Would you repeat exactly the part of the listing below that runs from the line containing "#77=ORIENTED_EDGE('',*,*,#76,.T.);" down to the line containing "#117=CIRCLE('',#116,0.1339);", inclusive, and nothing else?
### Data to use
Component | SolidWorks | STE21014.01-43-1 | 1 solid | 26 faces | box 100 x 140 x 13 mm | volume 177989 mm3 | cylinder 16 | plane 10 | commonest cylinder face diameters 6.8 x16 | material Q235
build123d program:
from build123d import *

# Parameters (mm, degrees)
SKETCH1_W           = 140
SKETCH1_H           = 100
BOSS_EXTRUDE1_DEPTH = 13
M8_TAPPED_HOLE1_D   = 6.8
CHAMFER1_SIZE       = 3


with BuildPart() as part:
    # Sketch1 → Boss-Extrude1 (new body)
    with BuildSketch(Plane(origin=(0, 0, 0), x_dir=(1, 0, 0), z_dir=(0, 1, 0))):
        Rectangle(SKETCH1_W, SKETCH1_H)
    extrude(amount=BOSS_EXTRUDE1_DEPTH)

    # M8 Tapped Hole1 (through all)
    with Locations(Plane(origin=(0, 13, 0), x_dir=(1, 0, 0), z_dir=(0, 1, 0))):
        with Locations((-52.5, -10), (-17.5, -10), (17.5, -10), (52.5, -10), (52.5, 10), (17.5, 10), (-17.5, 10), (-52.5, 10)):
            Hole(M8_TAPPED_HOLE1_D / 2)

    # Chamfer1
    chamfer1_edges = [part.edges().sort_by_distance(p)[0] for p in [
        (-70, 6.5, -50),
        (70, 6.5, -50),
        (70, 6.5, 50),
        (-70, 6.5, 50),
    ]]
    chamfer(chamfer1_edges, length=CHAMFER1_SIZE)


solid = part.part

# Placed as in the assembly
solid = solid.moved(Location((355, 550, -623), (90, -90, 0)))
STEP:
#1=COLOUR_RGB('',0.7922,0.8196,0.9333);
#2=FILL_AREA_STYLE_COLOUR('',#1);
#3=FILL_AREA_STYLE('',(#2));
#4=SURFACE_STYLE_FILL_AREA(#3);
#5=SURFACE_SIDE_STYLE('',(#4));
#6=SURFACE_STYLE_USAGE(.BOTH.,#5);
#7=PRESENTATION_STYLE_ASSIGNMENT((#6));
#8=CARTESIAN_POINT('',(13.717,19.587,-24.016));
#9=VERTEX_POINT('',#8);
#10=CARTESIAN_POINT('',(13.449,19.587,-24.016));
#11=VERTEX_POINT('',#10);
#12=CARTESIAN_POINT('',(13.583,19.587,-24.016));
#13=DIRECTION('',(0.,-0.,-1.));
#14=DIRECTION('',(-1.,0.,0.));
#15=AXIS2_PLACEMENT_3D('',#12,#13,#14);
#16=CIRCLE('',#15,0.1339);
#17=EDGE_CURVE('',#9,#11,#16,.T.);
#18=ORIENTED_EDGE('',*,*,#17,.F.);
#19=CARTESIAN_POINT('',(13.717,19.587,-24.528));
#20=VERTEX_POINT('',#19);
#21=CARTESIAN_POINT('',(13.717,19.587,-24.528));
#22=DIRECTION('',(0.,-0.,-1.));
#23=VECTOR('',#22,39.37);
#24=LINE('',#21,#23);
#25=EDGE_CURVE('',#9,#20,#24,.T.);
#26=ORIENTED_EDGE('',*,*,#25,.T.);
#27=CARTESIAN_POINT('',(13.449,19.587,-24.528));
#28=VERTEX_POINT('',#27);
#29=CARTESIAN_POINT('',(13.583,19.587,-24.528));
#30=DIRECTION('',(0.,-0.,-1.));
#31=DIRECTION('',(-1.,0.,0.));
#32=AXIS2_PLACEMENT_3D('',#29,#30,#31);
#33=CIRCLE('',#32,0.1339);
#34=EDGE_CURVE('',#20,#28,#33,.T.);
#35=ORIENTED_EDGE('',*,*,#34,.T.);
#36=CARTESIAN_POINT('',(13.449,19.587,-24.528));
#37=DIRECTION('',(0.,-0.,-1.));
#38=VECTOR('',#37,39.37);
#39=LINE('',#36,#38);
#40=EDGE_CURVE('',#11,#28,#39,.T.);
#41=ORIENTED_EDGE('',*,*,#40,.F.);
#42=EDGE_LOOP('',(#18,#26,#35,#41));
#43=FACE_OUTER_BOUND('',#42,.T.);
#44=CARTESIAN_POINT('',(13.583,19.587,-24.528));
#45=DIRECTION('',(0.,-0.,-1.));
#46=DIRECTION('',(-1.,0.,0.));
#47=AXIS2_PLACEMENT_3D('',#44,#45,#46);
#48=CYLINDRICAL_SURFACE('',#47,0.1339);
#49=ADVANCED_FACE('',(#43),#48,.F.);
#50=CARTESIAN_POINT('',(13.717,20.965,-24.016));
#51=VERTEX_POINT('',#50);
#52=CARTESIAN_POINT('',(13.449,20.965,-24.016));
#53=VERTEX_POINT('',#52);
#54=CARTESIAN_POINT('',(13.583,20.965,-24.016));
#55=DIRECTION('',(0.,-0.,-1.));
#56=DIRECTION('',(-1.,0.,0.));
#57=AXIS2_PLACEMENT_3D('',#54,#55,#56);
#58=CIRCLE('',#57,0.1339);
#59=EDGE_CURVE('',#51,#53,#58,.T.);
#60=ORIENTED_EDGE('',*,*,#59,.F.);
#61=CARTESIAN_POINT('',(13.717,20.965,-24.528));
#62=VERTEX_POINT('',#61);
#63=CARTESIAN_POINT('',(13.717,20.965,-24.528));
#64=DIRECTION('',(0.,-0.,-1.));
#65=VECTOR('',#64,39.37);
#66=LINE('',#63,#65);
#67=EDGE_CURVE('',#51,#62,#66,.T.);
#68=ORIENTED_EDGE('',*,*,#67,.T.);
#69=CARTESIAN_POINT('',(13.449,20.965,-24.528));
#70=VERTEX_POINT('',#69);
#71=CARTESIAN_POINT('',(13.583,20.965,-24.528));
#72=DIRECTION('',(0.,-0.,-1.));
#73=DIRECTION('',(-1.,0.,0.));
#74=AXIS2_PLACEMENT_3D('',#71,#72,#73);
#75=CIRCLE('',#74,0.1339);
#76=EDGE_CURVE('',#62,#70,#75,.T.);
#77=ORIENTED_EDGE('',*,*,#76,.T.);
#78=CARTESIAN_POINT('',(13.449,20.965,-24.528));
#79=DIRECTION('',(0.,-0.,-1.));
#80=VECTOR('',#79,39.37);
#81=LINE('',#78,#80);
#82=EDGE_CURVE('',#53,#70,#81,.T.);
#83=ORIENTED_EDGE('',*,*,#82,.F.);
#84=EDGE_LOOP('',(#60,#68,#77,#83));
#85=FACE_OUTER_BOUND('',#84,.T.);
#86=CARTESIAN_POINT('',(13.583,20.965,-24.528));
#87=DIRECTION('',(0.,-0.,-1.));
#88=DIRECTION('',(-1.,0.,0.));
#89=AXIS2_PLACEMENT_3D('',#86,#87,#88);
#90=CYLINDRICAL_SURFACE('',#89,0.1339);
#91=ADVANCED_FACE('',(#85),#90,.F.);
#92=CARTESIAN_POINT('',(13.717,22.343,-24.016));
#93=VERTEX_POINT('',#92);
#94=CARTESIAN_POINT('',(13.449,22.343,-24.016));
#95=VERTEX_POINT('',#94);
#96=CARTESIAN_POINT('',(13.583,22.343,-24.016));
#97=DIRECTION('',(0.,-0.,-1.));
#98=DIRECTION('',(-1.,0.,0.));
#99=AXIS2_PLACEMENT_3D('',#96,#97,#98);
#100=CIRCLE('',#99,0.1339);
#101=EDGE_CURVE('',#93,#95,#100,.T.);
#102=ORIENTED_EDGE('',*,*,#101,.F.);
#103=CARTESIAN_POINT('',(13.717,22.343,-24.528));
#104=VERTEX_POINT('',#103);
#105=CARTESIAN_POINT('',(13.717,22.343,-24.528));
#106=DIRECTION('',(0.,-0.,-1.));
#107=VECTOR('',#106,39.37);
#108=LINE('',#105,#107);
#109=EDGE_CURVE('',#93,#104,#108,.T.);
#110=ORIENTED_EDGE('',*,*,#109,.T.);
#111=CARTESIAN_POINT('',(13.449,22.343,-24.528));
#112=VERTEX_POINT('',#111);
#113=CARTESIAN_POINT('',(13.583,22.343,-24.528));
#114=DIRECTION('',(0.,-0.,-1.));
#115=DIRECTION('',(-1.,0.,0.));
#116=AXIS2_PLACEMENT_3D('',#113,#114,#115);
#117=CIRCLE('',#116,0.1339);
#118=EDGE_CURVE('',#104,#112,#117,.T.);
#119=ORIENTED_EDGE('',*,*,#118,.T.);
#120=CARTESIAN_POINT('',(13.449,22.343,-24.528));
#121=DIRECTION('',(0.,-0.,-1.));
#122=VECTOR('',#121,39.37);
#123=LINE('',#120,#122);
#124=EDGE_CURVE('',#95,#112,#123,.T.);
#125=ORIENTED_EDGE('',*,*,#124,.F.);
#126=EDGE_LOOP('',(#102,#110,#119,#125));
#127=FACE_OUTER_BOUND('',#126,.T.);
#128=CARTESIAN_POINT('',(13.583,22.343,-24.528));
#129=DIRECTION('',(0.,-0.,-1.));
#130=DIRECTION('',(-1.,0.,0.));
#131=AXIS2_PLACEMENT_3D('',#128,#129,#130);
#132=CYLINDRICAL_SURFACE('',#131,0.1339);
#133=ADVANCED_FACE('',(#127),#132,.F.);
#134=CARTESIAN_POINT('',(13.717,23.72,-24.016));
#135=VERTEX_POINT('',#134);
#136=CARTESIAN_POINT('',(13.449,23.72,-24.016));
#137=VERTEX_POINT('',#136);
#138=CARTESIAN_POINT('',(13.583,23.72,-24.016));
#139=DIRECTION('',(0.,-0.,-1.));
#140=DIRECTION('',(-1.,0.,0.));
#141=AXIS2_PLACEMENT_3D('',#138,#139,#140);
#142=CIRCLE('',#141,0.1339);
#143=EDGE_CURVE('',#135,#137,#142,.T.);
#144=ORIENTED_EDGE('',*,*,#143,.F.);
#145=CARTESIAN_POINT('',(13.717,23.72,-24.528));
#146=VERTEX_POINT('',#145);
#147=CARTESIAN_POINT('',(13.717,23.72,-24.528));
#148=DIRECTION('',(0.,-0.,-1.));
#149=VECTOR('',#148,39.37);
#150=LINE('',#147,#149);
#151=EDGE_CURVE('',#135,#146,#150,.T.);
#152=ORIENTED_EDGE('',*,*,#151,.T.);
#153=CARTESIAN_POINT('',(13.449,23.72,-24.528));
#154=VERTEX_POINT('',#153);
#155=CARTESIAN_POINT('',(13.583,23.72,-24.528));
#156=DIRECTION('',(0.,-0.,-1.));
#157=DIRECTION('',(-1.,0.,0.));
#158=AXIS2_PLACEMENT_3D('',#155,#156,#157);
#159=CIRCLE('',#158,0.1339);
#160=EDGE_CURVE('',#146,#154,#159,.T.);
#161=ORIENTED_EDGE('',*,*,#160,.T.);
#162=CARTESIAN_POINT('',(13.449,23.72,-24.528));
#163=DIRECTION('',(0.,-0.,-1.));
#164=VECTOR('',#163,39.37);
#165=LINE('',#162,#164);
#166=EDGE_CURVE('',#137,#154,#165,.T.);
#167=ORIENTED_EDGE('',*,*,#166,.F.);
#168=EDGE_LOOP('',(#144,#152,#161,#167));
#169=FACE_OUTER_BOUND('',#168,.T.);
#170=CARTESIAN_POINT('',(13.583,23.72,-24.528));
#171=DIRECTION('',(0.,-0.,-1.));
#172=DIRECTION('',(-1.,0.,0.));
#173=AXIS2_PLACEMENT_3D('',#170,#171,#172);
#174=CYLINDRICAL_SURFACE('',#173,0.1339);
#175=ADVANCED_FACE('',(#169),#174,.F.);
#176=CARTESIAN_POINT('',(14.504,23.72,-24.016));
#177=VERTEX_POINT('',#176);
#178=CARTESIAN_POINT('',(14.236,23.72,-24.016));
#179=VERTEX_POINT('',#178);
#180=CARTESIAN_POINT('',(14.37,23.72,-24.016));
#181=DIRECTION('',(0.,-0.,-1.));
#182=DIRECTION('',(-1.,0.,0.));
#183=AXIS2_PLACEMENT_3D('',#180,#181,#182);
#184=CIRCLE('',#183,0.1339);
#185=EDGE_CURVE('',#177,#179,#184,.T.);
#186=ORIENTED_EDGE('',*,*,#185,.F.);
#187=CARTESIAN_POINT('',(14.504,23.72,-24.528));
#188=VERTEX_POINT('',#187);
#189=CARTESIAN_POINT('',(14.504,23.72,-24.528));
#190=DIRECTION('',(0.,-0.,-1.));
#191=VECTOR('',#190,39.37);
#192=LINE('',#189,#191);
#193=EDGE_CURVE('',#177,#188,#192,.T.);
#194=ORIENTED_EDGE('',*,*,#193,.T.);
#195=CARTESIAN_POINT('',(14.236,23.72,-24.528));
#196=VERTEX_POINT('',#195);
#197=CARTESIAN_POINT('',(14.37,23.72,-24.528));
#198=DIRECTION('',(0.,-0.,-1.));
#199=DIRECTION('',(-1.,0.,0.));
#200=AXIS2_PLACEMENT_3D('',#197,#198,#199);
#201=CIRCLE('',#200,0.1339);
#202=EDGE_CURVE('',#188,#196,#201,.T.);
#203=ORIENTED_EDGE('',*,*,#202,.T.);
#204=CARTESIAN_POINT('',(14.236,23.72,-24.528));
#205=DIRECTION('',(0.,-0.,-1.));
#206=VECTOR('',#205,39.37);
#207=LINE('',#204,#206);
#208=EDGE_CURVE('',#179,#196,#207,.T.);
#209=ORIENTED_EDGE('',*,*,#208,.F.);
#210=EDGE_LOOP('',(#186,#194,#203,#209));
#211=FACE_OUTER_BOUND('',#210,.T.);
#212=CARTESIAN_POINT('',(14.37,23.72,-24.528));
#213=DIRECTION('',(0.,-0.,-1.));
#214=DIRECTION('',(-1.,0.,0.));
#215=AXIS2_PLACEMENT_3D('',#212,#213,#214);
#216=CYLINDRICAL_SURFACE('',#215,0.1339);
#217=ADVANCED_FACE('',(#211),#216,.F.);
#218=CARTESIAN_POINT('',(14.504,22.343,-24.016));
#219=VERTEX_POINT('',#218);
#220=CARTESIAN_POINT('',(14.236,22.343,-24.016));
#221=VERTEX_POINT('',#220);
######
Exercise response:
#77=ORIENTED_EDGE('',*,*,#76,.T.);
#78=CARTESIAN_POINT('',(13.449,20.965,-24.528));
#79=DIRECTION('',(0.,-0.,-1.));
#80=VECTOR('',#79,39.37);
#81=LINE('',#78,#80);
#82=EDGE_CURVE('',#53,#70,#81,.T.);
#83=ORIENTED_EDGE('',*,*,#82,.F.);
#84=EDGE_LOOP('',(#60,#68,#77,#83));
#85=FACE_OUTER_BOUND('',#84,.T.);
#86=CARTESIAN_POINT('',(13.583,20.965,-24.528));
#87=DIRECTION('',(0.,-0.,-1.));
#88=DIRECTION('',(-1.,0.,0.));
#89=AXIS2_PLACEMENT_3D('',#86,#87,#88);
#90=CYLINDRICAL_SURFACE('',#89,0.1339);
#91=ADVANCED_FACE('',(#85),#90,.F.);
#92=CARTESIAN_POINT('',(13.717,22.343,-24.016));
#93=VERTEX_POINT('',#92);
#94=CARTESIAN_POINT('',(13.449,22.343,-24.016));
#95=VERTEX_POINT('',#94);
#96=CARTESIAN_POINT('',(13.583,22.343,-24.016));
#97=DIRECTION('',(0.,-0.,-1.));
#98=DIRECTION('',(-1.,0.,0.));
#99=AXIS2_PLACEMENT_3D('',#96,#97,#98);
#100=CIRCLE('',#99,0.1339);
#101=EDGE_CURVE('',#93,#95,#100,.T.);
#102=ORIENTED_EDGE('',*,*,#101,.F.);
#103=CARTESIAN_POINT('',(13.717,22.343,-24.528));
#104=VERTEX_POINT('',#103);
#105=CARTESIAN_POINT('',(13.717,22.343,-24.528));
#106=DIRECTION('',(0.,-0.,-1.));
#107=VECTOR('',#106,39.37);
#108=LINE('',#105,#107);
#109=EDGE_CURVE('',#93,#104,#108,.T.);
#110=ORIENTED_EDGE('',*,*,#109,.T.);
#111=CARTESIAN_POINT('',(13.449,22.343,-24.528));
#112=VERTEX_POINT('',#111);
#113=CARTESIAN_POINT('',(13.583,22.343,-24.528));
#114=DIRECTION('',(0.,-0.,-1.));
#115=DIRECTION('',(-1.,0.,0.));
#116=AXIS2_PLACEMENT_3D('',#113,#114,#115);
#117=CIRCLE('',#116,0.1339);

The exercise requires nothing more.